What you are asked to do
Below are the records; pull every line that includes "under".

□ □ □

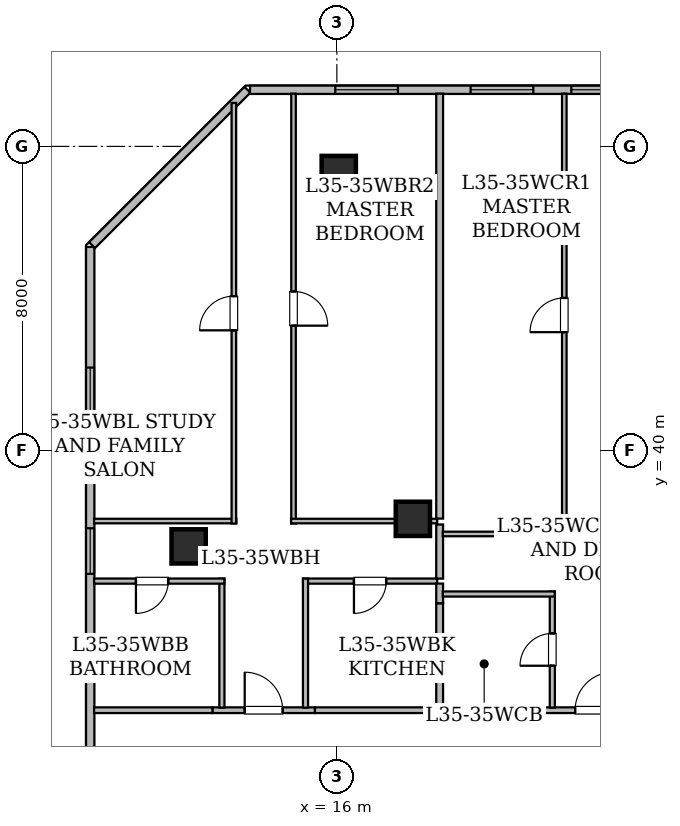
"""IFC4 building model, lengths in metres.
Left out: names, types, materials, properties, quantities, classifications, styles, units other than length and angle.
Written with IfcOpenShell. Run it as: python <this file> out.ifc"""

import sys

from ifc_helpers import new_model, si_unit, direction, frame, frame_2d, origin, origin_2d, place, context, subcontext, project, spatial, rectangle, hollow_rectangle, extrude, element, fill, save


model = new_model("IFC4")
c1 = context("Model", 3, precision=1e-05, world=origin(), true_north=direction((0.0, 1.0)))
c2 = subcontext(c1, "Body", "Model", "MODEL_VIEW")
j1 = project(units=[si_unit("LENGTHUNIT", "METRE"), si_unit("PLANEANGLEUNIT", "RADIAN")], contexts=[c1])
p1 = place(None, origin())
s1 = spatial("IfcSite", under=j1, at=p1, CompositionType="ELEMENT")
p2 = place(p1, origin())
s2 = spatial("IfcBuilding", under=s1, at=p2, CompositionType="ELEMENT")
p3 = place(p2, frame((0.0, 0.0, 138.4)))
s3 = spatial("IfcBuildingStorey", under=s2, at=p3, CompositionType="ELEMENT", Elevation=138.4)
for number, where, z_axis, x_axis in (
    (1, (16.05, 47.3, 0.0), (0.0, 0.0, 1.0), (1.0, 0.0, 0.0)),
    (2, (12.1, 37.475, 0.0), (0.0, 0.0, 1.0), (1.0, 0.0, 0.0)),
    (3, (18.0, 38.2, 0.0), (0.0, 0.0, 1.0), (1.0, 0.0, 0.0)),
):
    element("IfcColumn", number, at=place(p3, frame(where, z_axis=z_axis, x_axis=x_axis)), inside=s3, PredefinedType="COLUMN", context=c2, shape_type="SweptSolid", body=[
        extrude(hollow_rectangle(XDim=0.9, YDim=0.9, WallThickness=0.045, at=origin_2d()), origin(), (0.0, 0.0, 1.0), 3.65),
    ])
p4 = place(p3, frame((9.51, 31.293, 0.0), z_axis=(0.0, 0.0, 1.0), x_axis=(0.0, 1.0, 0.0)))
e4 = element("IfcWall", 4, at=p4, inside=s3, PredefinedType="STANDARD", context=c2, shape_type="SweptSolid", body=[
    extrude(rectangle(XDim=14.061, YDim=0.22, at=frame_2d((7.031, 0.0))), origin(), (0.0, 0.0, 1.0), 3.43),
])
p5 = place(p4, frame((5.459, 0.0, 0.8)))
e5 = element("IfcOpeningElement", 5, at=p5, cuts=e4, PredefinedType="OPENING", context=c2, shape_type="SweptSolid", body=[
    extrude(rectangle(XDim=1.2, YDim=1.5, at=frame_2d((0.6, 0.75))), frame((0.0, 0.12, 0.0), z_axis=(0.0, -1.0, 0.0), x_axis=(1.0, 0.0, 0.0)), (0.0, 0.0, 1.0), 0.24),
])
p6 = place(p4, frame((9.237, 0.0, 0.85)))
e6 = element("IfcOpeningElement", 6, at=p6, cuts=e4, PredefinedType="OPENING", context=c2, shape_type="SweptSolid", body=[
    extrude(rectangle(XDim=1.65, YDim=1.55, at=frame_2d((0.825, 0.775))), frame((0.0, 0.12, 0.0), z_axis=(0.0, -1.0, 0.0), x_axis=(1.0, 0.0, 0.0)), (0.0, 0.0, 1.0), 0.24),
])
p7 = place(p3, frame((9.558, 45.402, 0.0), z_axis=(0.0, 0.0, 1.0), x_axis=(0.707106781187, 0.707106781187, 0.0)))
e7 = element("IfcWall", 7, at=p7, inside=s3, PredefinedType="STANDARD", context=c2, shape_type="SweptSolid", body=[
    extrude(rectangle(XDim=5.781, YDim=0.22, at=frame_2d((2.891, 0.0))), origin(), (0.0, 0.0, 1.0), 3.43),
])
p8 = place(p3, frame((13.715, 49.49, 0.0), z_axis=(0.0, 0.0, 1.0), x_axis=(1.0, 0.0, 0.0)))
e8 = element("IfcWall", 8, at=p8, inside=s3, PredefinedType="STANDARD", context=c2, shape_type="SweptSolid", body=[
    extrude(rectangle(XDim=38.639, YDim=0.22, at=frame_2d((19.319, 0.0))), origin(), (0.0, 0.0, 1.0), 3.43),
])
p9 = place(p8, frame((2.243, 0.0, 0.85)))
e9 = element("IfcOpeningElement", 9, at=p9, cuts=e8, PredefinedType="OPENING", context=c2, shape_type="SweptSolid", body=[
    extrude(rectangle(XDim=1.65, YDim=1.55, at=frame_2d((0.825, 0.775))), frame((0.0, 0.12, 0.0), z_axis=(0.0, -1.0, 0.0), x_axis=(1.0, 0.0, 0.0)), (0.0, 0.0, 1.0), 0.24),
])
p10 = place(p8, frame((8.455, 0.0, 0.8)))
e10 = element("IfcOpeningElement", 10, at=p10, cuts=e8, PredefinedType="OPENING", context=c2, shape_type="SweptSolid", body=[
    extrude(rectangle(XDim=1.2, YDim=1.5, at=frame_2d((0.6, 0.75))), frame((0.0, 0.12, 0.0), z_axis=(0.0, -1.0, 0.0), x_axis=(1.0, 0.0, 0.0)), (0.0, 0.0, 1.0), 0.24),
])
p11 = place(p8, frame((5.805, 0.0, 0.85)))
e11 = element("IfcOpeningElement", 11, at=p11, cuts=e8, PredefinedType="OPENING", context=c2, shape_type="SweptSolid", body=[
    extrude(rectangle(XDim=1.65, YDim=1.55, at=frame_2d((0.825, 0.775))), frame((0.0, 0.12, 0.0), z_axis=(0.0, -1.0, 0.0), x_axis=(1.0, 0.0, 0.0)), (0.0, 0.0, 1.0), 0.24),
])
p12 = place(p8, frame((10.655, 0.0, 0.85)))
e12 = element("IfcOpeningElement", 12, at=p12, cuts=e8, PredefinedType="OPENING", context=c2, shape_type="SweptSolid", body=[
    extrude(rectangle(XDim=1.65, YDim=1.55, at=frame_2d((0.825, 0.775))), frame((0.0, 0.12, 0.0), z_axis=(0.0, -1.0, 0.0), x_axis=(1.0, 0.0, 0.0)), (0.0, 0.0, 1.0), 0.24),
])
p13 = place(p8, frame((16.851, 0.0, 0.85)))
e13 = element("IfcOpeningElement", 13, at=p13, cuts=e8, PredefinedType="OPENING", context=c2, shape_type="SweptSolid", body=[
    extrude(rectangle(XDim=1.65, YDim=1.55, at=frame_2d((0.825, 0.775))), frame((0.0, 0.12, 0.0), z_axis=(0.0, -1.0, 0.0), x_axis=(1.0, 0.0, 0.0)), (0.0, 0.0, 1.0), 0.24),
])
p14 = place(p8, frame((24.116, 0.0, 0.85)))
e14 = element("IfcOpeningElement", 14, at=p14, cuts=e8, PredefinedType="OPENING", context=c2, shape_type="SweptSolid", body=[
    extrude(rectangle(XDim=1.65, YDim=1.55, at=frame_2d((0.825, 0.775))), frame((0.0, 0.12, 0.0), z_axis=(0.0, -1.0, 0.0), x_axis=(1.0, 0.0, 0.0)), (0.0, 0.0, 1.0), 0.24),
])
p15 = place(p8, frame((30.23, 0.0, 0.85)))
e15 = element("IfcOpeningElement", 15, at=p15, cuts=e8, PredefinedType="OPENING", context=c2, shape_type="SweptSolid", body=[
    extrude(rectangle(XDim=1.65, YDim=1.55, at=frame_2d((0.825, 0.775))), frame((0.0, 0.12, 0.0), z_axis=(0.0, -1.0, 0.0), x_axis=(1.0, 0.0, 0.0)), (0.0, 0.0, 1.0), 0.24),
])
p16 = place(p8, frame((36.367, 0.0, 0.85)))
e16 = element("IfcOpeningElement", 16, at=p16, cuts=e8, PredefinedType="OPENING", context=c2, shape_type="SweptSolid", body=[
    extrude(rectangle(XDim=1.65, YDim=1.55, at=frame_2d((0.825, 0.775))), frame((0.0, 0.12, 0.0), z_axis=(0.0, -1.0, 0.0), x_axis=(1.0, 0.0, 0.0)), (0.0, 0.0, 1.0), 0.24),
])
p17 = place(p3, frame((12.726, 33.165, 0.0), z_axis=(0.0, 0.0, 1.0), x_axis=(1.0, 0.0, 0.0)))
e17 = element("IfcWall", 17, at=p17, inside=s3, PredefinedType="STANDARD", context=c2, shape_type="SweptSolid", body=[
    extrude(rectangle(XDim=2.698, YDim=0.15, at=frame_2d((1.349, 0.0))), origin(), (0.0, 0.0, 1.0), 3.43),
])
p18 = place(p17, frame((0.849, 0.0, 0.0)))
e18 = element("IfcOpeningElement", 18, at=p18, cuts=e17, PredefinedType="OPENING", context=c2, shape_type="SweptSolid", body=[
    extrude(rectangle(XDim=1.0, YDim=2.15, at=frame_2d((0.5, 1.075))), frame((0.0, 0.085, 0.0), z_axis=(0.0, -1.0, 0.0), x_axis=(1.0, 0.0, 0.0)), (0.0, 0.0, 1.0), 0.17),
])
p19 = place(p3, frame((9.612, 33.165, 0.0), z_axis=(0.0, 0.0, 1.0), x_axis=(1.0, 0.0, 0.0)))
e19 = element("IfcWall", 19, at=p19, inside=s3, PredefinedType="STANDARD", context=c2, shape_type="SweptSolid", body=[
    extrude(rectangle(XDim=3.114, YDim=0.15, at=frame_2d((1.557, 0.0))), origin(), (0.0, 0.0, 1.0), 2.876),
])
p20 = place(p3, frame((15.424, 33.165, 0.0), z_axis=(0.0, 0.0, 1.0), x_axis=(1.0, 0.0, 0.0)))
e20 = element("IfcWall", 20, at=p20, inside=s3, PredefinedType="STANDARD", context=c2, shape_type="SweptSolid", body=[
    extrude(rectangle(XDim=3.53, YDim=0.15, at=frame_2d((1.765, 0.0))), origin(), (0.0, 0.0, 1.0), 2.647),
])
p21 = place(p3, frame((21.421, 33.165, 0.0), z_axis=(0.0, 0.0, 1.0), x_axis=(1.0, 0.0, 0.0)))
e21 = element("IfcWall", 21, at=p21, inside=s3, PredefinedType="STANDARD", context=c2, shape_type="SweptSolid", body=[
    extrude(rectangle(XDim=2.698, YDim=0.15, at=frame_2d((1.349, 0.0))), origin(), (0.0, 0.0, 1.0), 3.43),
])
p22 = place(p21, frame((0.849, 0.0, 0.0)))
e22 = element("IfcOpeningElement", 22, at=p22, cuts=e21, PredefinedType="OPENING", context=c2, shape_type="SweptSolid", body=[
    extrude(rectangle(XDim=1.0, YDim=2.15, at=frame_2d((0.5, 1.075))), frame((0.0, 0.085, 0.0), z_axis=(0.0, -1.0, 0.0), x_axis=(1.0, 0.0, 0.0)), (0.0, 0.0, 1.0), 0.17),
])
p23 = place(p3, frame((18.954, 33.165, 0.0), z_axis=(0.0, 0.0, 1.0), x_axis=(1.0, 0.0, 0.0)))
e23 = element("IfcWall", 23, at=p23, inside=s3, PredefinedType="STANDARD", context=c2, shape_type="SweptSolid", body=[
    extrude(rectangle(XDim=2.467, YDim=0.15, at=frame_2d((1.233, 0.0))), origin(), (0.0, 0.0, 1.0), 3.43),
])
p24 = place(p3, frame((12.975, 33.232, 0.0), z_axis=(0.0, 0.0, 1.0), x_axis=(0.0, 1.0, 0.0)))
e24 = element("IfcWall", 24, at=p24, inside=s3, PredefinedType="PARTITIONING", context=c2, shape_type="SweptSolid", body=[
    extrude(rectangle(XDim=3.395, YDim=0.135, at=frame_2d((1.698, 0.0))), origin(), (0.0, 0.0, 1.0), 3.43),
])
p25 = place(p3, frame((13.04, 36.562, 0.0), z_axis=(0.0, 0.0, 1.0), x_axis=(-1.0, 0.0, 0.0)))
e25 = element("IfcWall", 25, at=p25, inside=s3, PredefinedType="PARTITIONING", context=c2, shape_type="SweptSolid", body=[
    extrude(rectangle(XDim=3.428, YDim=0.135, at=frame_2d((1.714, 0.0))), origin(), (0.0, 0.0, 1.0), 2.876),
])
p26 = place(p25, frame((1.477, 0.0, 0.0)))
e26 = element("IfcOpeningElement", 26, at=p26, cuts=e25, PredefinedType="OPENING", context=c2, shape_type="SweptSolid", body=[
    extrude(rectangle(XDim=0.85, YDim=2.1, at=frame_2d((0.425, 1.05))), frame((0.0, 0.077, 0.0), z_axis=(0.0, -1.0, 0.0), x_axis=(1.0, 0.0, 0.0)), (0.0, 0.0, 1.0), 0.155),
])
p27 = place(p3, frame((18.64, 36.562, 0.0), z_axis=(0.0, 0.0, 1.0), x_axis=(-1.0, 0.0, 0.0)))
e27 = element("IfcWall", 27, at=p27, inside=s3, PredefinedType="PARTITIONING", context=c2, shape_type="SweptSolid", body=[
    extrude(rectangle(XDim=3.53, YDim=0.135, at=frame_2d((1.765, 0.0))), origin(), (0.0, 0.0, 1.0), 2.647),
])
p28 = place(p27, frame((1.34, 0.0, 0.0)))
e28 = element("IfcOpeningElement", 28, at=p28, cuts=e27, PredefinedType="OPENING", context=c2, shape_type="SweptSolid", body=[
    extrude(rectangle(XDim=0.85, YDim=2.1, at=frame_2d((0.425, 1.05))), frame((0.0, 0.077, 0.0), z_axis=(0.0, -1.0, 0.0), x_axis=(1.0, 0.0, 0.0)), (0.0, 0.0, 1.0), 0.155),
])
p29 = place(p3, frame((15.175, 36.627, 0.0), z_axis=(0.0, 0.0, 1.0), x_axis=(0.0, -1.0, 0.0)))
e29 = element("IfcWall", 29, at=p29, inside=s3, PredefinedType="PARTITIONING", context=c2, shape_type="SweptSolid", body=[
    extrude(rectangle(XDim=3.395, YDim=0.135, at=frame_2d((1.698, 0.0))), origin(), (0.0, 0.0, 1.0), 3.43),
])
p30 = place(p3, frame((9.612, 38.142, 0.0), z_axis=(0.0, 0.0, 1.0), x_axis=(1.0, 0.0, 0.0)))
e30 = element("IfcWall", 30, at=p30, inside=s3, PredefinedType="PARTITIONING", context=c2, shape_type="SweptSolid", body=[
    extrude(rectangle(XDim=3.743, YDim=0.12, at=frame_2d((1.872, 0.0))), origin(), (0.0, 0.0, 1.0), 2.876),
])
p31 = place(p3, frame((13.29, 38.077, 0.0), z_axis=(0.0, 0.0, 1.0), x_axis=(0.0, 1.0, 0.0)))
e31 = element("IfcWall", 31, at=p31, inside=s3, PredefinedType="PARTITIONING", context=c2, shape_type="SweptSolid", body=[
    extrude(rectangle(XDim=11.066, YDim=0.12, at=frame_2d((5.533, 0.0))), origin(), (0.0, 0.0, 1.0), 2.876),
])
p32 = place(p31, frame((5.083, 0.0, 0.0)))
e32 = element("IfcOpeningElement", 32, at=p32, cuts=e31, PredefinedType="OPENING", context=c2, shape_type="SweptSolid", body=[
    extrude(rectangle(XDim=0.9, YDim=2.1, at=frame_2d((0.45, 1.05))), frame((0.0, 0.07, 0.0), z_axis=(0.0, -1.0, 0.0), x_axis=(1.0, 0.0, 0.0)), (0.0, 0.0, 1.0), 0.14),
])
p33 = place(p3, frame((14.86, 49.388, 0.0), z_axis=(0.0, 0.0, 1.0), x_axis=(0.0, -1.0, 0.0)))
e33 = element("IfcWall", 33, at=p33, inside=s3, PredefinedType="PARTITIONING", context=c2, shape_type="SweptSolid", body=[
    extrude(rectangle(XDim=11.311, YDim=0.12, at=frame_2d((5.656, 0.0))), origin(), (0.0, 0.0, 1.0), 2.876),
])
p34 = place(p33, frame((5.205, 0.0, 0.0)))
e34 = element("IfcOpeningElement", 34, at=p34, cuts=e33, PredefinedType="OPENING", context=c2, shape_type="SweptSolid", body=[
    extrude(rectangle(XDim=0.9, YDim=2.1, at=frame_2d((0.45, 1.05))), frame((0.0, 0.07, 0.0), z_axis=(0.0, -1.0, 0.0), x_axis=(1.0, 0.0, 0.0)), (0.0, 0.0, 1.0), 0.14),
])
p35 = place(p3, frame((14.795, 38.142, 0.0), z_axis=(0.0, 0.0, 1.0), x_axis=(1.0, 0.0, 0.0)))
e35 = element("IfcWall", 35, at=p35, inside=s3, PredefinedType="PARTITIONING", context=c2, shape_type="SweptSolid", body=[
    extrude(rectangle(XDim=3.845, YDim=0.12, at=frame_2d((1.922, 0.0))), origin(), (0.0, 0.0, 1.0), 2.647),
])
p36 = place(p3, frame((18.705, 38.051, 0.0), z_axis=(0.0, 0.0, 1.0), x_axis=(0.0, -1.0, 0.0)))
e36 = element("IfcWall", 36, at=p36, inside=s3, PredefinedType="STANDARD", context=c2, shape_type="SweptSolid", body=[
    extrude(rectangle(XDim=1.424, YDim=0.18, at=frame_2d((0.712, 0.0))), origin(), (0.0, 0.0, 1.0), 2.647),
])
p37 = place(p3, frame((18.705, 36.497, 0.0), z_axis=(0.0, 0.0, 1.0), x_axis=(0.0, -1.0, 0.0)))
e37 = element("IfcWall", 37, at=p37, inside=s3, PredefinedType="STANDARD", context=c2, shape_type="SweptSolid", body=[
    extrude(rectangle(XDim=0.524, YDim=0.18, at=frame_2d((0.262, 0.0))), origin(), (0.0, 0.0, 1.0), 3.43),
])
p38 = place(p3, frame((18.705, 35.973, 0.0), z_axis=(0.0, 0.0, 1.0), x_axis=(0.0, -1.0, 0.0)))
e38 = element("IfcWall", 38, at=p38, inside=s3, PredefinedType="STANDARD", context=c2, shape_type="SweptSolid", body=[
    extrude(rectangle(XDim=2.741, YDim=0.18, at=frame_2d((1.371, 0.0))), origin(), (0.0, 0.0, 1.0), 3.43),
])
p39 = place(p3, frame((18.705, 49.388, 0.0), z_axis=(0.0, 0.0, 1.0), x_axis=(0.0, -1.0, 0.0)))
e39 = element("IfcWall", 39, at=p39, inside=s3, PredefinedType="STANDARD", context=c2, shape_type="SweptSolid", body=[
    extrude(rectangle(XDim=11.181, YDim=0.18, at=frame_2d((5.59, 0.0))), origin(), (0.0, 0.0, 1.0), 2.647),
])
p40 = place(p3, frame((21.67, 33.232, 0.0), z_axis=(0.0, 0.0, 1.0), x_axis=(0.0, 1.0, 0.0)))
e40 = element("IfcWall", 40, at=p40, inside=s3, PredefinedType="PARTITIONING", context=c2, shape_type="SweptSolid", body=[
    extrude(rectangle(XDim=3.055, YDim=0.135, at=frame_2d((1.528, 0.0))), origin(), (0.0, 0.0, 1.0), 3.43),
])
p41 = place(p40, frame((1.103, 0.0, 0.0)))
e41 = element("IfcOpeningElement", 41, at=p41, cuts=e40, PredefinedType="OPENING", context=c2, shape_type="SweptSolid", body=[
    extrude(rectangle(XDim=0.85, YDim=2.1, at=frame_2d((0.425, 1.05))), frame((0.0, 0.077, 0.0), z_axis=(0.0, -1.0, 0.0), x_axis=(1.0, 0.0, 0.0)), (0.0, 0.0, 1.0), 0.155),
])
p42 = place(p3, frame((21.735, 36.222, 0.0), z_axis=(0.0, 0.0, 1.0), x_axis=(-1.0, 0.0, 0.0)))
e42 = element("IfcWall", 42, at=p42, inside=s3, PredefinedType="PARTITIONING", context=c2, shape_type="SweptSolid", body=[
    extrude(rectangle(XDim=2.948, YDim=0.135, at=frame_2d((1.474, 0.0))), origin(), (0.0, 0.0, 1.0), 3.43),
])
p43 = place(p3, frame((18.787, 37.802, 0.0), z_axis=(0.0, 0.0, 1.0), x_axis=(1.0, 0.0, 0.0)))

□ □ □

Problem solution
s1 = spatial("IfcSite", under=j1, at=p1, CompositionType="ELEMENT")
s2 = spatial("IfcBuilding", under=s1, at=p2, CompositionType="ELEMENT")
s3 = spatial("IfcBuildingStorey", under=s2, at=p3, CompositionType="ELEMENT", Elevation=138.4)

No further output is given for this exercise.